● **Description of the task**
For the records that follow, work out how many lines include "placement" and give only that count.

● **The data**
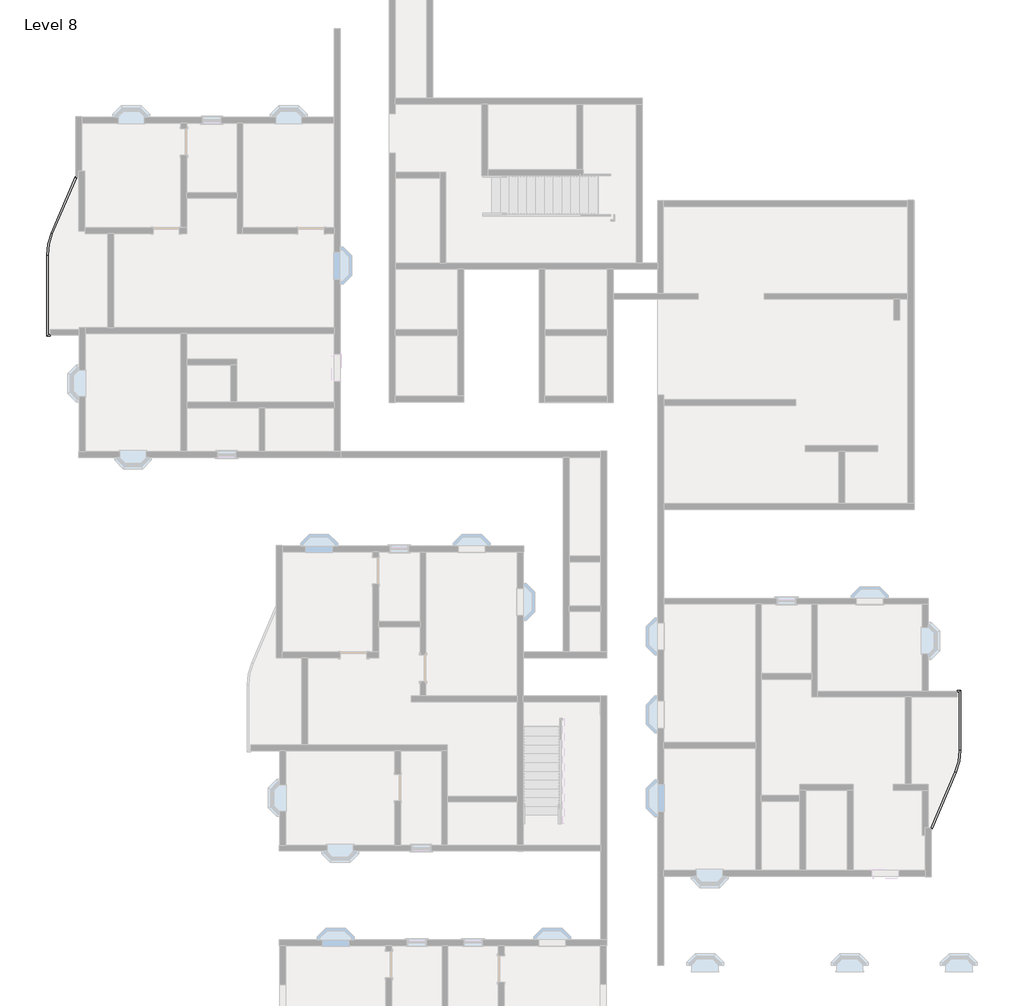
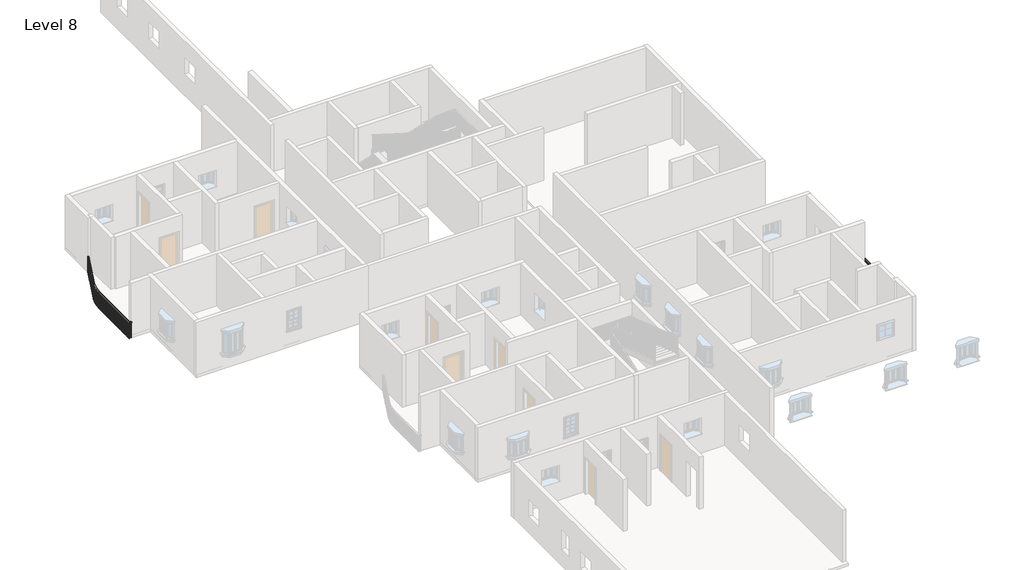
# One storey, part 9 of 14: 2 railings.
"""IFC4 building model written with IfcOpenShell, lengths in millimetres."""

from ifc_helpers import new_model, si_unit, frame, origin, place, context, project, spatial, polyline, circle_curve, outline, extrude, element, save
from ifc_brep_helpers import plane_surface, cylinder_surface, revolved_surface, advanced_brep

model = new_model("IFC4")

# Units and contexts
model_context = context("Model", 3, world=origin())
ifc_project = project(units=[si_unit("LENGTHUNIT", "METRE", prefix="MILLI")], contexts=[model_context])

# Site, building, storey
site = spatial("IfcSite", under=ifc_project)
building = spatial("IfcBuilding", under=site)
storey = spatial("IfcBuildingStorey", under=building, Name="Level 8", Elevation=21336.0)

# Railings
placement = place(None, origin())
element("IfcRailing", 1, ObjectType="Handrail - Rectangular", at=placement, inside=storey, context=model_context, shape_type="SolidModel", body=[
    advanced_brep(
    [(-19327.739878, 12446.0257339, 22250.4), (-19327.739878, 12446.0257339, 22199.6), (-19374.4383922, 12466.022953, 22199.6), (-19374.4383922, 12466.022953, 22250.4), (-20162.483418, 10496.6905323, 22250.4), (-20162.483418, 10496.6905323, 22199.6), (-20209.1819322, 10516.6877514, 22199.6), (-20209.1819322, 10516.6877514, 22250.4), (-20316.2891351, 9746.7948172, 22199.6), (-20316.2891351, 9746.7948172, 22250.4), (-20367.0891351, 9746.7948172, 22199.6), (-20367.0891351, 9746.7948172, 22250.4), (-20316.2891351, 7005.2583494, 22250.4), (-20316.2891351, 7005.2583494, 22199.6), (-20367.0891351, 6954.4583494, 22199.6), (-20367.0891351, 6954.4583494, 22250.4), (-20240.0891351, 7005.2583494, 22250.4), (-20240.0891351, 6954.4583494, 22250.4), (-20240.0891351, 6954.4583494, 22199.6), (-20240.0891351, 7005.2583494, 22199.6)],
    [
        (0, 1),
        (1, 2),
        (2, 3),
        (3, 0),
        (0, 4),
        (4, 5),
        (5, 1),
        (5, 6),
        (6, 2),
        (6, 7),
        (7, 3),
        (7, 4),
        (8, 5, circle_curve(frame((-18411.2891351, 9746.7948172, 22199.6), z_axis=(0.0, 0.0, -1.0), x_axis=(-0.919262090762392, 0.3936460446735823, 0.0)), 1905.0)),
        (4, 9, circle_curve(frame((-18411.2891351, 9746.7948172, 22250.4), z_axis=(0.0, 0.0, 1.0), x_axis=(-0.919262090762392, 0.3936460446735823, 0.0)), 1905.0)),
        (9, 8),
        (10, 6, circle_curve(frame((-18411.2891351, 9746.7948172, 22199.6), z_axis=(0.0, 0.0, -1.0), x_axis=(-0.919262090762392, 0.3936460446735823, 0.0)), 1955.8)),
        (8, 10),
        (11, 7, circle_curve(frame((-18411.2891351, 9746.7948172, 22250.4), z_axis=(0.0, 0.0, -1.0), x_axis=(-0.919262090762392, 0.3936460446735823, 0.0)), 1955.8)),
        (10, 11),
        (11, 9),
        (9, 12),
        (12, 13),
        (13, 8),
        (13, 14),
        (14, 10),
        (14, 15),
        (15, 11),
        (15, 12),
        (16, 17),
        (17, 18),
        (18, 19),
        (19, 16),
        (12, 16),
        (19, 13),
        (18, 14),
        (17, 15),
    ],
    [
        plane_surface(frame((-19351.0891351, 12456.0243434, 22250.4), z_axis=(0.3936460446735829, 0.9192620907623917, 0.0), x_axis=(0.9192620907623917, -0.3936460446735829, 0.0))),
        plane_surface(frame((-19327.739878, 12446.0257339, 22250.4), z_axis=(0.9192620907623916, -0.393646044673583, 0.0), x_axis=(-0.393646044673583, -0.9192620907623916, 0.0))),
        plane_surface(frame((-19327.739878, 12446.0257339, 22199.6), z_axis=(0.0, 0.0, -1.0), x_axis=(-0.393646044673583, -0.9192620907623916, 0.0))),
        plane_surface(frame((-19374.4383922, 12466.022953, 22199.6), z_axis=(-0.9192620907623917, 0.3936460446735826, 0.0), x_axis=(-0.3936460446735826, -0.9192620907623917, 0.0))),
        plane_surface(frame((-19374.4383922, 12466.022953, 22250.4), z_axis=(0.0, 0.0, 1.0), x_axis=(-0.3936460446735826, -0.9192620907623917, 0.0))),
        revolved_surface(polyline([(-20162.483418002357, 10496.690532303173, 22250.4), (-20162.483418002357, 10496.690532303173, 22199.6)]), (-18411.2891351, 9746.7948172, 22250.4), (0.0, 0.0, 1.0)),
        plane_surface(frame((-18411.2891351, 9746.7948172, 22199.6), z_axis=(0.0, 0.0, -1.0), x_axis=(-0.919262090762392, 0.3936460446735823, 0.0))),
        cylinder_surface(frame((-18411.2891351, 9746.7948172, 22250.4), z_axis=(0.0, 0.0, 1.0), x_axis=(-0.919262090762392, 0.3936460446735823, 0.0)), 1955.8),
        plane_surface(frame((-18411.2891351, 9746.7948172, 22250.4), z_axis=(0.0, 0.0, 1.0), x_axis=(-0.919262090762392, 0.3936460446735823, 0.0))),
        plane_surface(frame((-20316.2891351, 9746.7948172, 22250.4), z_axis=(1.0, 0.0, 0.0), x_axis=(0.0, -1.0, 0.0))),
        plane_surface(frame((-20316.2891351, 9746.7948172, 22199.6), z_axis=(0.0, 0.0, -1.0), x_axis=(0.0, -1.0, 0.0))),
        plane_surface(frame((-20367.0891351, 9746.7948172, 22199.6), z_axis=(-1.0, 0.0, 0.0), x_axis=(0.0, -1.0, 0.0))),
        plane_surface(frame((-20367.0891351, 9746.7948172, 22250.4), z_axis=(0.0, 0.0, 1.0), x_axis=(0.0, -1.0, 0.0))),
        plane_surface(frame((-20240.0891351, 6979.8583494, 22250.4), z_axis=(1.0, 0.0, 0.0), x_axis=(0.0, 1.0, 0.0))),
        plane_surface(frame((-20316.2891351, 7005.2583494, 22250.4), z_axis=(0.0, 1.0, 0.0), x_axis=(1.0, 0.0, 0.0))),
        plane_surface(frame((-20316.2891351, 7005.2583494, 22199.6), z_axis=(0.0, 0.0, -1.0), x_axis=(1.0, 0.0, 0.0))),
        plane_surface(frame((-20367.0891351, 6954.4583494, 22199.6), z_axis=(0.0, -1.0, 0.0), x_axis=(1.0, 0.0, 0.0))),
        plane_surface(frame((-20367.0891351, 6954.4583494, 22250.4), z_axis=(0.0, 0.0, 1.0), x_axis=(1.0, 0.0, 0.0))),
    ],
    [
        (0, [[1, 2, 3, 4]]),
        (1, [[-1, 5, 6, 7]]),
        (2, [[-2, -7, 8, 9]]),
        (3, [[-3, -9, 10, 11]]),
        (4, [[-4, -11, 12, -5]]),
        (5, [[13, -6, 14, 15]]),
        (6, [[16, -8, -13, 17]]),
        (7, [[18, -10, -16, 19]]),
        (8, [[-14, -12, -18, 20]]),
        (9, [[-15, 21, 22, 23]]),
        (10, [[-17, -23, 24, 25]]),
        (11, [[-19, -25, 26, 27]]),
        (12, [[-20, -27, 28, -21]]),
        (13, [[29, 30, 31, 32]]),
        (14, [[-22, 33, -32, 34]]),
        (15, [[-24, -34, -31, 35]]),
        (16, [[-26, -35, -30, 36]]),
        (17, [[-28, -36, -29, -33]]),
    ],
),
    extrude(outline(polyline([(-20351.2141351, 7013.1198172), (-20332.1641351, 7013.1198172), (-20332.1641351, 6994.0698172), (-20351.2141351, 6994.0698172), (-20351.2141351, 7013.1198172)])), frame((0.0, 0.0, 21336.0), z_axis=(0.0, 0.0, 1.0), x_axis=(1.0, 0.0, 0.0)), (0.0, 0.0, 1.0), 863.6),
    extrude(outline(polyline([(-20351.2141351, 7114.7198172), (-20332.1641351, 7114.7198172), (-20332.1641351, 7095.6698172), (-20351.2141351, 7095.6698172), (-20351.2141351, 7114.7198172)])), frame((0.0, 0.0, 21336.0), z_axis=(0.0, 0.0, 1.0), x_axis=(1.0, 0.0, 0.0)), (0.0, 0.0, 1.0), 863.6),
    extrude(outline(polyline([(-20351.2141351, 7216.3198172), (-20332.1641351, 7216.3198172), (-20332.1641351, 7197.2698172), (-20351.2141351, 7197.2698172), (-20351.2141351, 7216.3198172)])), frame((0.0, 0.0, 21336.0), z_axis=(0.0, 0.0, 1.0), x_axis=(1.0, 0.0, 0.0)), (0.0, 0.0, 1.0), 863.6),
    extrude(outline(polyline([(-20351.2141351, 7317.9198172), (-20332.1641351, 7317.9198172), (-20332.1641351, 7298.8698172), (-20351.2141351, 7298.8698172), (-20351.2141351, 7317.9198172)])), frame((0.0, 0.0, 21336.0), z_axis=(0.0, 0.0, 1.0), x_axis=(1.0, 0.0, 0.0)), (0.0, 0.0, 1.0), 863.6),
    extrude(outline(polyline([(-20351.2141351, 7419.5198172), (-20332.1641351, 7419.5198172), (-20332.1641351, 7400.4698172), (-20351.2141351, 7400.4698172), (-20351.2141351, 7419.5198172)])), frame((0.0, 0.0, 21336.0), z_axis=(0.0, 0.0, 1.0), x_axis=(1.0, 0.0, 0.0)), (0.0, 0.0, 1.0), 863.6),
    extrude(outline(polyline([(-20351.2141351, 7521.1198172), (-20332.1641351, 7521.1198172), (-20332.1641351, 7502.0698172), (-20351.2141351, 7502.0698172), (-20351.2141351, 7521.1198172)])), frame((0.0, 0.0, 21336.0), z_axis=(0.0, 0.0, 1.0), x_axis=(1.0, 0.0, 0.0)), (0.0, 0.0, 1.0), 863.6),
    extrude(outline(polyline([(-20351.2141351, 7622.7198172), (-20332.1641351, 7622.7198172), (-20332.1641351, 7603.6698172), (-20351.2141351, 7603.6698172), (-20351.2141351, 7622.7198172)])), frame((0.0, 0.0, 21336.0), z_axis=(0.0, 0.0, 1.0), x_axis=(1.0, 0.0, 0.0)), (0.0, 0.0, 1.0), 863.6),
    extrude(outline(polyline([(-20351.2141351, 7724.3198172), (-20332.1641351, 7724.3198172), (-20332.1641351, 7705.2698172), (-20351.2141351, 7705.2698172), (-20351.2141351, 7724.3198172)])), frame((0.0, 0.0, 21336.0), z_axis=(0.0, 0.0, 1.0), x_axis=(1.0, 0.0, 0.0)), (0.0, 0.0, 1.0), 863.6),
    extrude(outline(polyline([(-20351.2141351, 7825.9198172), (-20332.1641351, 7825.9198172), (-20332.1641351, 7806.8698172), (-20351.2141351, 7806.8698172), (-20351.2141351, 7825.9198172)])), frame((0.0, 0.0, 21336.0), z_axis=(0.0, 0.0, 1.0), x_axis=(1.0, 0.0, 0.0)), (0.0, 0.0, 1.0), 863.6),
    extrude(outline(polyline([(-20351.2141351, 7927.5198172), (-20332.1641351, 7927.5198172), (-20332.1641351, 7908.4698172), (-20351.2141351, 7908.4698172), (-20351.2141351, 7927.5198172)])), frame((0.0, 0.0, 21336.0), z_axis=(0.0, 0.0, 1.0), x_axis=(1.0, 0.0, 0.0)), (0.0, 0.0, 1.0), 863.6),
    extrude(outline(polyline([(-20351.2141351, 8029.1198172), (-20332.1641351, 8029.1198172), (-20332.1641351, 8010.0698172), (-20351.2141351, 8010.0698172), (-20351.2141351, 8029.1198172)])), frame((0.0, 0.0, 21336.0), z_axis=(0.0, 0.0, 1.0), x_axis=(1.0, 0.0, 0.0)), (0.0, 0.0, 1.0), 863.6),
    extrude(outline(polyline([(-20351.2141351, 8130.7198172), (-20332.1641351, 8130.7198172), (-20332.1641351, 8111.6698172), (-20351.2141351, 8111.6698172), (-20351.2141351, 8130.7198172)])), frame((0.0, 0.0, 21336.0), z_axis=(0.0, 0.0, 1.0), x_axis=(1.0, 0.0, 0.0)), (0.0, 0.0, 1.0), 863.6),
    extrude(outline(polyline([(-20351.2141351, 8232.3198172), (-20332.1641351, 8232.3198172), (-20332.1641351, 8213.2698172), (-20351.2141351, 8213.2698172), (-20351.2141351, 8232.3198172)])), frame((0.0, 0.0, 21336.0), z_axis=(0.0, 0.0, 1.0), x_axis=(1.0, 0.0, 0.0)), (0.0, 0.0, 1.0), 863.6),
    extrude(outline(polyline([(-20351.2141351, 8333.9198172), (-20332.1641351, 8333.9198172), (-20332.1641351, 8314.8698172), (-20351.2141351, 8314.8698172), (-20351.2141351, 8333.9198172)])), frame((0.0, 0.0, 21336.0), z_axis=(0.0, 0.0, 1.0), x_axis=(1.0, 0.0, 0.0)), (0.0, 0.0, 1.0), 863.6),
    extrude(outline(polyline([(-20351.2141351, 8435.5198172), (-20332.1641351, 8435.5198172), (-20332.1641351, 8416.4698172), (-20351.2141351, 8416.4698172), (-20351.2141351, 8435.5198172)])), frame((0.0, 0.0, 21336.0), z_axis=(0.0, 0.0, 1.0), x_axis=(1.0, 0.0, 0.0)), (0.0, 0.0, 1.0), 863.6),
    extrude(outline(polyline([(-20351.2141351, 8537.1198172), (-20332.1641351, 8537.1198172), (-20332.1641351, 8518.0698172), (-20351.2141351, 8518.0698172), (-20351.2141351, 8537.1198172)])), frame((0.0, 0.0, 21336.0), z_axis=(0.0, 0.0, 1.0), x_axis=(1.0, 0.0, 0.0)), (0.0, 0.0, 1.0), 863.6),
    extrude(outline(polyline([(-20351.2141351, 8638.7198172), (-20332.1641351, 8638.7198172), (-20332.1641351, 8619.6698172), (-20351.2141351, 8619.6698172), (-20351.2141351, 8638.7198172)])), frame((0.0, 0.0, 21336.0), z_axis=(0.0, 0.0, 1.0), x_axis=(1.0, 0.0, 0.0)), (0.0, 0.0, 1.0), 863.6),
    extrude(outline(polyline([(-20351.2141351, 8740.3198172), (-20332.1641351, 8740.3198172), (-20332.1641351, 8721.2698172), (-20351.2141351, 8721.2698172), (-20351.2141351, 8740.3198172)])), frame((0.0, 0.0, 21336.0), z_axis=(0.0, 0.0, 1.0), x_axis=(1.0, 0.0, 0.0)), (0.0, 0.0, 1.0), 863.6),
    extrude(outline(polyline([(-20351.2141351, 8841.9198172), (-20332.1641351, 8841.9198172), (-20332.1641351, 8822.8698172), (-20351.2141351, 8822.8698172), (-20351.2141351, 8841.9198172)])), frame((0.0, 0.0, 21336.0), z_axis=(0.0, 0.0, 1.0), x_axis=(1.0, 0.0, 0.0)), (0.0, 0.0, 1.0), 863.6),
    extrude(outline(polyline([(-20351.2141351, 8943.5198172), (-20332.1641351, 8943.5198172), (-20332.1641351, 8924.4698172), (-20351.2141351, 8924.4698172), (-20351.2141351, 8943.5198172)])), frame((0.0, 0.0, 21336.0), z_axis=(0.0, 0.0, 1.0), x_axis=(1.0, 0.0, 0.0)), (0.0, 0.0, 1.0), 863.6),
    extrude(outline(polyline([(-20351.2141351, 9045.1198172), (-20332.1641351, 9045.1198172), (-20332.1641351, 9026.0698172), (-20351.2141351, 9026.0698172), (-20351.2141351, 9045.1198172)])), frame((0.0, 0.0, 21336.0), z_axis=(0.0, 0.0, 1.0), x_axis=(1.0, 0.0, 0.0)), (0.0, 0.0, 1.0), 863.6),
    extrude(outline(polyline([(-20351.2141351, 9146.7198172), (-20332.1641351, 9146.7198172), (-20332.1641351, 9127.6698172), (-20351.2141351, 9127.6698172), (-20351.2141351, 9146.7198172)])), frame((0.0, 0.0, 21336.0), z_axis=(0.0, 0.0, 1.0), x_axis=(1.0, 0.0, 0.0)), (0.0, 0.0, 1.0), 863.6),
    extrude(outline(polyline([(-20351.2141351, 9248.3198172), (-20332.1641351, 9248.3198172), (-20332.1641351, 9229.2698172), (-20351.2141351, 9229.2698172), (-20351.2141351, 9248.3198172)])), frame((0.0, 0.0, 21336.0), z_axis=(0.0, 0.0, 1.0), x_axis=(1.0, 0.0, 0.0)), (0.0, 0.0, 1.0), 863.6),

● **Worked solution**
2